**About this task:** The job is to find each line in the entries holding the string "OperationType" and copy that line.

**Given entries:**

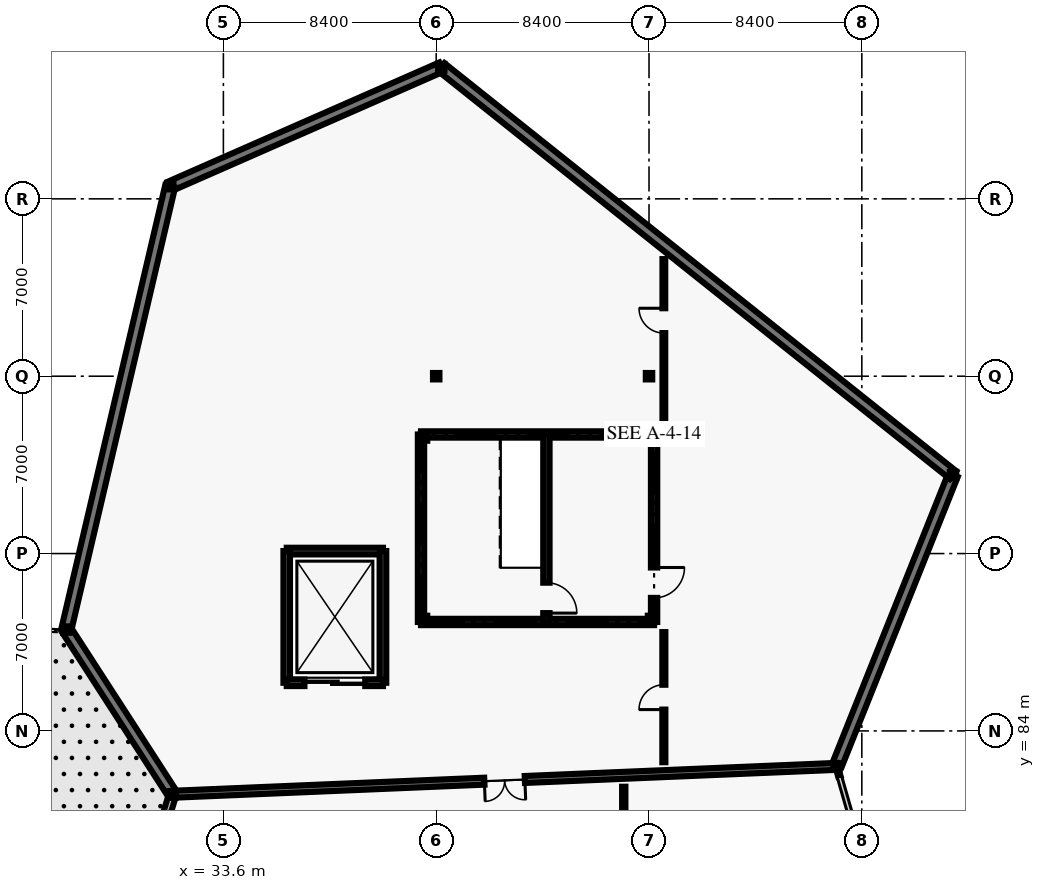
"""IFC4 building model, lengths in metres.
Left out: names, types, materials, properties, quantities, classifications, styles, units other than length and angle.
Written with IfcOpenShell. Run it as: python <this file> out.ifc"""

import sys

from ifc_helpers import new_model, si_unit, direction, frame, frame_2d, origin, origin_2d, place, context, subcontext, project, spatial, rectangle, i_section, extrude, element, fill, save


model = new_model("IFC4")
c1 = context("Model", 3, precision=1e-05, world=origin(), true_north=direction((0.0, 1.0)))
c2 = subcontext(c1, "Body", "Model", "MODEL_VIEW")
j1 = project(units=[si_unit("LENGTHUNIT", "METRE"), si_unit("PLANEANGLEUNIT", "RADIAN")], contexts=[c1])
p1 = place(None, origin())
s1 = spatial("IfcSite", under=j1, at=p1, CompositionType="ELEMENT")
p2 = place(p1, origin())
s2 = spatial("IfcBuilding", under=s1, at=p2, CompositionType="ELEMENT")
p3 = place(p2, frame((0.0, 0.0, 15.0)))
s3 = spatial("IfcBuildingStorey", under=s2, at=p3, CompositionType="ELEMENT", Elevation=15.0)
for number, where, z_axis, x_axis in (
    (1, (27.4, 88.0, 0.0), (0.0, 0.0, 1.0), (1.0, 0.0, 0.0)),
    (2, (31.5, 105.5, 0.0), (0.0, 0.0, 1.0), (1.0, 0.0, 0.0)),
    (3, (31.6, 81.5, 0.0), (0.0, 0.0, 1.0), (1.0, 0.0, 0.0)),
    (4, (42.2, 110.2, 0.0), (0.0, 0.0, 1.0), (1.0, 0.0, 0.0)),
    (5, (57.8, 82.6, 0.0), (0.0, 0.0, 1.0), (1.0, 0.0, 0.0)),
    (6, (62.4, 94.1, 0.0), (0.0, 0.0, 1.0), (1.0, 0.0, 0.0)),
    (7, (42.0, 98.0, 0.0), (0.0, 0.0, 1.0), (1.0, 0.0, 0.0)),
    (8, (50.4, 98.0, 0.0), (0.0, 0.0, 1.0), (1.0, 0.0, 0.0)),
    (9, (41.52, 88.42, 0.0), (0.0, 0.0, 1.0), (1.0, 0.0, 0.0)),
    (10, (50.48, 88.42, 0.0), (0.0, 0.0, 1.0), (1.0, 0.0, 0.0)),
    (11, (50.48, 95.58, 0.0), (0.0, 0.0, 1.0), (1.0, 0.0, 0.0)),
    (12, (41.52, 95.58, 0.0), (0.0, 0.0, 1.0), (1.0, 0.0, 0.0)),
):
    element("IfcColumn", number, at=place(p3, frame(where, z_axis=z_axis, x_axis=x_axis)), inside=s3, PredefinedType="COLUMN", context=c2, shape_type="SweptSolid", body=[
        extrude(i_section(OverallWidth=0.254, OverallDepth=0.254, WebThickness=0.009, FlangeThickness=0.014, FilletRadius=0.013, at=origin_2d()), origin(), (0.0, 0.0, 1.0), 4.8),
    ])
p4 = place(p3, frame((57.829, 82.502, 0.0), z_axis=(0.0, 0.0, 1.0), x_axis=(0.275977786159, -0.961164013864, 0.0)))
e13 = element("IfcWall", 13, at=p4, inside=s3, PredefinedType="SOLIDWALL", context=c2, shape_type="SweptSolid", body=[
    extrude(rectangle(XDim=0.308, YDim=0.095, at=frame_2d((0.154, 0.0))), origin(), (0.0, 0.0, 1.0), 3.62),
])
p5 = place(p3, frame((26.3, 64.3, 0.0), z_axis=(0.0, 0.0, 1.0), x_axis=(0.294452119874, 0.955666233108, 0.0)))
e14 = element("IfcWall", 14, at=p5, inside=s3, PredefinedType="SOLIDWALL", context=c2, shape_type="SweptSolid", body=[
    extrude(rectangle(XDim=17.938, YDim=0.29, at=frame_2d((8.969, 0.0))), origin(), (0.0, 0.0, 1.0), 3.62),
])
p6 = place(p5, frame((7.994, 0.0, 0.0)))
e15 = element("IfcOpeningElement", 15, at=p6, cuts=e14, PredefinedType="OPENING", context=c2, shape_type="SweptSolid", body=[
    extrude(rectangle(XDim=1.95, YDim=2.3, at=frame_2d((0.975, 1.15))), frame((0.0, 0.155, 0.0), z_axis=(0.0, -1.0, 0.0), x_axis=(1.0, 0.0, 0.0)), (0.0, 0.0, 1.0), 0.31),
])
p7 = place(p3, frame((62.4, 94.1, 0.0), z_axis=(0.0, 0.0, 1.0), x_axis=(-0.371407751599, -0.928469860605, 0.0)))
e16 = element("IfcWall", 16, at=p7, inside=s3, PredefinedType="SOLIDWALL", context=c2, shape_type="SweptSolid", body=[
    extrude(rectangle(XDim=12.326, YDim=0.4, at=frame_2d((6.163, 0.0))), origin(), (0.0, 0.0, 1.0), 3.62),
])
p8 = place(p3, frame((42.2, 110.2, 0.0), z_axis=(0.0, 0.0, 1.0), x_axis=(0.78200261515, -0.623275147827, 0.0)))
e17 = element("IfcWall", 17, at=p8, inside=s3, PredefinedType="SOLIDWALL", context=c2, shape_type="SweptSolid", body=[
    extrude(rectangle(XDim=25.831, YDim=0.4, at=frame_2d((12.916, 0.0))), origin(), (0.0, 0.0, 1.0), 3.62),
])
p9 = place(p3, frame((31.5, 105.5, 0.0), z_axis=(0.0, 0.0, 1.0), x_axis=(0.915568057854, 0.40216306573, 0.0)))
e18 = element("IfcWall", 18, at=p9, inside=s3, PredefinedType="SOLIDWALL", context=c2, shape_type="SweptSolid", body=[
    extrude(rectangle(XDim=11.687, YDim=0.4, at=frame_2d((5.843, 0.0))), origin(), (0.0, 0.0, 1.0), 3.62),
])
p10 = place(p3, frame((27.4, 88.0, 0.0), z_axis=(0.0, 0.0, 1.0), x_axis=(0.228114067381, 0.973634414071, 0.0)))
e19 = element("IfcWall", 19, at=p10, inside=s3, PredefinedType="SOLIDWALL", context=c2, shape_type="SweptSolid", body=[
    extrude(rectangle(XDim=17.974, YDim=0.4, at=frame_2d((8.987, 0.0))), origin(), (0.0, 0.0, 1.0), 3.62),
])
p11 = place(p3, frame((31.567, 81.55, 0.0), z_axis=(0.0, 0.0, 1.0), x_axis=(-0.542653962992, 0.839956353895, 0.0)))
e20 = element("IfcWall", 20, at=p11, inside=s3, PredefinedType="SOLIDWALL", context=c2, shape_type="SweptSolid", body=[
    extrude(rectangle(XDim=7.679, YDim=0.4, at=frame_2d((3.839, 0.0))), origin(), (0.0, 0.0, 1.0), 3.62),
])
p12 = place(p3, frame((57.8, 82.6, 0.0), z_axis=(0.0, 0.0, 1.0), x_axis=(-0.999119645224, -0.041951573605, 0.0)))
e21 = element("IfcWall", 21, at=p12, inside=s3, PredefinedType="SOLIDWALL", context=c2, shape_type="SweptSolid", body=[
    extrude(rectangle(XDim=26.223, YDim=0.275, at=frame_2d((13.112, 0.0))), origin(), (0.0, 0.0, 1.0), 4.02),
])
p13 = place(p12, frame((12.312, 0.0, 0.0)))
e22 = element("IfcOpeningElement", 22, at=p13, cuts=e21, PredefinedType="OPENING", context=c2, shape_type="SweptSolid", body=[
    extrude(rectangle(XDim=1.6, YDim=2.45, at=frame_2d((0.8, 1.225))), frame((0.0, 0.147, 0.0), z_axis=(0.0, -1.0, 0.0), x_axis=(1.0, 0.0, 0.0)), (0.0, 0.0, 1.0), 0.295),
])
p14 = place(p3, frame((49.403, 57.267, 0.0), z_axis=(0.0, 0.0, 1.0), x_axis=(0.0, 1.0, 0.0)))
e23 = element("IfcWall", 23, at=p14, inside=s3, PredefinedType="PARTITIONING", context=c2, shape_type="SweptSolid", body=[
    extrude(rectangle(XDim=24.53, YDim=0.13, at=frame_2d((12.265, 0.0))), origin(), (0.0, 0.0, 1.0), 3.32),
])
p15 = place(p14, frame((11.79, 0.0, 0.0)))
e24 = element("IfcOpeningElement", 24, at=p15, cuts=e23, PredefinedType="OPENING", context=c2, shape_type="SweptSolid", body=[
    extrude(rectangle(XDim=0.95, YDim=2.15, at=frame_2d((0.475, 1.075))), frame((0.0, 0.075, 0.0), z_axis=(0.0, -1.0, 0.0), x_axis=(1.0, 0.0, 0.0)), (0.0, 0.0, 1.0), 0.15),
])
p16 = place(p3, frame((50.986, 82.764, 0.0), z_axis=(0.0, 0.0, 1.0), x_axis=(0.0, 1.0, 0.0)))
e25 = element("IfcWall", 25, at=p16, inside=s3, PredefinedType="PARTITIONING", context=c2, shape_type="SweptSolid", body=[
    extrude(rectangle(XDim=5.136, YDim=0.12, at=frame_2d((2.568, 0.0))), origin(), (0.0, 0.0, 1.0), 3.32),
])
p17 = place(p16, frame((2.078, 0.0, 0.0)))
e26 = element("IfcOpeningElement", 26, at=p17, cuts=e25, PredefinedType="OPENING", context=c2, shape_type="SweptSolid", body=[
    extrude(rectangle(XDim=0.98, YDim=2.15, at=frame_2d((0.49, 1.075))), frame((0.0, 0.07, 0.0), z_axis=(0.0, -1.0, 0.0), x_axis=(1.0, 0.0, 0.0)), (0.0, 0.0, 1.0), 0.14),
])
p18 = place(p3, frame((50.986, 96.1, 0.0), z_axis=(0.0, 0.0, 1.0), x_axis=(0.0, 1.0, 0.0)))
e27 = element("IfcWall", 27, at=p18, inside=s3, PredefinedType="PARTITIONING", context=c2, shape_type="SweptSolid", body=[
    extrude(rectangle(XDim=6.522, YDim=0.11, at=frame_2d((3.261, 0.0))), origin(), (0.0, 0.0, 1.0), 3.32),
])
p19 = place(p18, frame((3.602, 0.0, 0.0)))
e28 = element("IfcOpeningElement", 28, at=p19, cuts=e27, PredefinedType="OPENING", context=c2, shape_type="SweptSolid", body=[
    extrude(rectangle(XDim=0.98, YDim=2.15, at=frame_2d((0.49, 1.075))), frame((0.0, 0.065, 0.0), z_axis=(0.0, -1.0, 0.0), x_axis=(1.0, 0.0, 0.0)), (0.0, 0.0, 1.0), 0.13),
])
p20 = place(p3, frame((41.4, 88.3, 0.0), z_axis=(0.0, 0.0, 1.0), x_axis=(0.0, 1.0, 0.0)))
e29 = element("IfcWall", 29, at=p20, inside=s3, PredefinedType="SHEAR", context=c2, shape_type="SweptSolid", body=[
    extrude(rectangle(XDim=7.4, YDim=0.25, at=frame_2d((3.7, 0.0))), origin(), (0.0, 0.0, 1.0), 4.56),
])
for number, where, z_axis, x_axis in (
    (30, (41.4, 95.7, 0.0), (0.0, 0.0, 1.0), (1.0, 0.0, 0.0)),
    (31, (50.6, 88.3, 0.0), (0.0, 0.0, 1.0), (-1.0, 0.0, 0.0)),
):
    element("IfcWall", number, at=place(p3, frame(where, z_axis=z_axis, x_axis=x_axis)), inside=s3, PredefinedType="SHEAR", context=c2, shape_type="SweptSolid", body=[
        extrude(rectangle(XDim=9.2, YDim=0.25, at=frame_2d((4.6, 0.0))), origin(), (0.0, 0.0, 1.0), 4.56),
    ])
p21 = place(p3, frame((50.6, 95.7, 0.0), z_axis=(0.0, 0.0, 1.0), x_axis=(0.0, -1.0, 0.0)))
e32 = element("IfcWall", 32, at=p21, inside=s3, PredefinedType="SHEAR", context=c2, shape_type="SweptSolid", body=[
    extrude(rectangle(XDim=7.4, YDim=0.25, at=frame_2d((3.7, 0.0))), origin(), (0.0, 0.0, 1.0), 4.56),
])
p22 = place(p21, frame((5.25, 0.0, 0.0)))
e33 = element("IfcOpeningElement", 33, at=p22, cuts=e32, PredefinedType="OPENING", context=c2, shape_type="SweptSolid", body=[
    extrude(rectangle(XDim=1.2, YDim=2.2, at=frame_2d((0.6, 1.1))), frame((0.0, 0.135, 0.0), z_axis=(0.0, -1.0, 0.0), x_axis=(1.0, 0.0, 0.0)), (0.0, 0.0, 1.0), 0.27),
])
p23 = place(p3, frame((46.35, 95.7, 0.0), z_axis=(0.0, 0.0, 1.0), x_axis=(0.0, -1.0, 0.0)))
e34 = element("IfcWall", 34, at=p23, inside=s3, PredefinedType="SHEAR", context=c2, shape_type="SweptSolid", body=[
    extrude(rectangle(XDim=7.4, YDim=0.25, at=frame_2d((3.7, 0.0))), origin(), (0.0, 0.0, 1.0), 4.56),
])
p24 = place(p23, frame((5.85, 0.0, 0.0)))
e35 = element("IfcOpeningElement", 35, at=p24, cuts=e34, PredefinedType="OPENING", context=c2, shape_type="SweptSolid", body=[
    extrude(rectangle(XDim=1.2, YDim=2.2, at=frame_2d((0.6, 1.1))), frame((0.0, 0.135, 0.0), z_axis=(0.0, -1.0, 0.0), x_axis=(1.0, 0.0, 0.0)), (0.0, 0.0, 1.0), 0.27),
])
p25 = place(p3, frame((36.1, 91.1, 0.0), z_axis=(0.0, 0.0, 1.0), x_axis=(1.0, 0.0, 0.0)))
e36 = element("IfcWall", 36, at=p25, inside=s3, PredefinedType="SHEAR", context=c2, shape_type="SweptSolid", body=[
    extrude(rectangle(XDim=3.8, YDim=0.26, at=frame_2d((1.9, 0.0))), origin(), (0.0, 0.0, 1.0), 5.9),
])
for number, where, z_axis, x_axis in (
    (37, (39.9, 91.1, 0.0), (0.0, 0.0, 1.0), (0.0, -1.0, 0.0)),
    (38, (36.1, 85.9, 0.0), (0.0, 0.0, 1.0), (0.0, 1.0, 0.0)),
):
    element("IfcWall", number, at=place(p3, frame(where, z_axis=z_axis, x_axis=x_axis)), inside=s3, PredefinedType="SHEAR", context=c2, shape_type="SweptSolid", body=[
        extrude(rectangle(XDim=5.2, YDim=0.26, at=frame_2d((2.6, 0.0))), origin(), (0.0, 0.0, 1.0), 5.9),
    ])
p26 = place(p3, frame((39.9, 85.9, 0.0), z_axis=(0.0, 0.0, 1.0), x_axis=(-1.0, 0.0, 0.0)))
e39 = element("IfcWall", 39, at=p26, inside=s3, PredefinedType="SHEAR", context=c2, shape_type="SweptSolid", body=[
    extrude(rectangle(XDim=3.8, YDim=0.26, at=frame_2d((1.9, 0.0))), origin(), (0.0, 0.0, 1.0), 5.9),
])
p27 = place(p26, frame((0.7, 0.0, 0.0)))
e40 = element("IfcOpeningElement", 40, at=p27, cuts=e39, PredefinedType="OPENING", context=c2, shape_type="SweptSolid", body=[
    extrude(rectangle(XDim=2.4, YDim=2.85, at=frame_2d((1.2, 1.425))), frame((0.0, 0.14, 0.0), z_axis=(0.0, -1.0, 0.0), x_axis=(1.0, 0.0, 0.0)), (0.0, 0.0, 1.0), 0.28),
])
p28 = place(p13, origin())
e41 = element("IfcDoor", 41, at=p28, inside=s3, OperationType="DOUBLE_DOOR_SINGLE_SWING", PredefinedType="DOOR", context=c2, shape_type="SweptSolid", body=[
    extrude(rectangle(XDim=1.6, YDim=2.45, at=frame_2d((0.8, 1.225))), frame((0.0, 0.025, 0.0), z_axis=(0.0, -1.0, 0.0), x_axis=(1.0, 0.0, 0.0)), (0.0, 0.0, 1.0), 0.05),
])
fill(e22, e41)
p29 = place(p17, origin())
e42 = element("IfcDoor", 42, at=p29, inside=s3, OperationType="SINGLE_SWING_LEFT", PredefinedType="DOOR", context=c2, shape_type="SweptSolid", body=[
    extrude(rectangle(XDim=0.98, YDim=2.15, at=frame_2d((0.49, 1.075))), frame((0.0, 0.025, 0.0), z_axis=(0.0, -1.0, 0.0), x_axis=(1.0, 0.0, 0.0)), (0.0, 0.0, 1.0), 0.05),
])
fill(e26, e42)
p30 = place(p19, origin())
e43 = element("IfcDoor", 43, at=p30, inside=s3, OperationType="SINGLE_SWING_RIGHT", PredefinedType="DOOR", context=c2, shape_type="SweptSolid", body=[
    extrude(rectangle(XDim=0.98, YDim=2.15, at=frame_2d((0.49, 1.075))), frame((0.0, 0.025, 0.0), z_axis=(0.0, -1.0, 0.0), x_axis=(1.0, 0.0, 0.0)), (0.0, 0.0, 1.0), 0.05),
])
fill(e28, e43)
p31 = place(p22, origin())
e44 = element("IfcDoor", 44, at=p31, inside=s3, OperationType="SINGLE_SWING_LEFT", PredefinedType="DOOR", context=c2, shape_type="SweptSolid", body=[
    extrude(rectangle(XDim=1.2, YDim=2.2, at=frame_2d((0.6, 1.1))), frame((0.0, 0.025, 0.0), z_axis=(0.0, -1.0, 0.0), x_axis=(1.0, 0.0, 0.0)), (0.0, 0.0, 1.0), 0.05),
])
fill(e33, e44)
p32 = place(p24, origin())
e45 = element("IfcDoor", 45, at=p32, inside=s3, OperationType="SINGLE_SWING_RIGHT", PredefinedType="DOOR", context=c2, shape_type="SweptSolid", body=[
    extrude(rectangle(XDim=1.2, YDim=2.2, at=frame_2d((0.6, 1.1))), frame((0.0, 0.025, 0.0), z_axis=(0.0, -1.0, 0.0), x_axis=(1.0, 0.0, 0.0)), (0.0, 0.0, 1.0), 0.05),
])
fill(e35, e45)
p33 = place(p27, origin())
e46 = element("IfcDoor", 46, at=p33, inside=s3, OperationType="SLIDING_TO_LEFT", PredefinedType="DOOR", context=c2, shape_type="SweptSolid", body=[
    extrude(rectangle(XDim=2.4, YDim=2.85, at=frame_2d((1.2, 1.425))), frame((0.0, 0.025, 0.0), z_axis=(0.0, -1.0, 0.0), x_axis=(1.0, 0.0, 0.0)), (0.0, 0.0, 1.0), 0.05),
])
fill(e40, e46)
save(model, sys.argv[1])

**Result of this task:**
e41 = element("IfcDoor", 41, at=p28, inside=s3, OperationType="DOUBLE_DOOR_SINGLE_SWING", PredefinedType="DOOR", context=c2, shape_type="SweptSolid", body=[
e42 = element("IfcDoor", 42, at=p29, inside=s3, OperationType="SINGLE_SWING_LEFT", PredefinedType="DOOR", context=c2, shape_type="SweptSolid", body=[
e43 = element("IfcDoor", 43, at=p30, inside=s3, OperationType="SINGLE_SWING_RIGHT", PredefinedType="DOOR", context=c2, shape_type="SweptSolid", body=[
e44 = element("IfcDoor", 44, at=p31, inside=s3, OperationType="SINGLE_SWING_LEFT", PredefinedType="DOOR", context=c2, shape_type="SweptSolid", body=[
e45 = element("IfcDoor", 45, at=p32, inside=s3, OperationType="SINGLE_SWING_RIGHT", PredefinedType="DOOR", context=c2, shape_type="SweptSolid", body=[
e46 = element("IfcDoor", 46, at=p33, inside=s3, OperationType="SLIDING_TO_LEFT", PredefinedType="DOOR", context=c2, shape_type="SweptSolid", body=[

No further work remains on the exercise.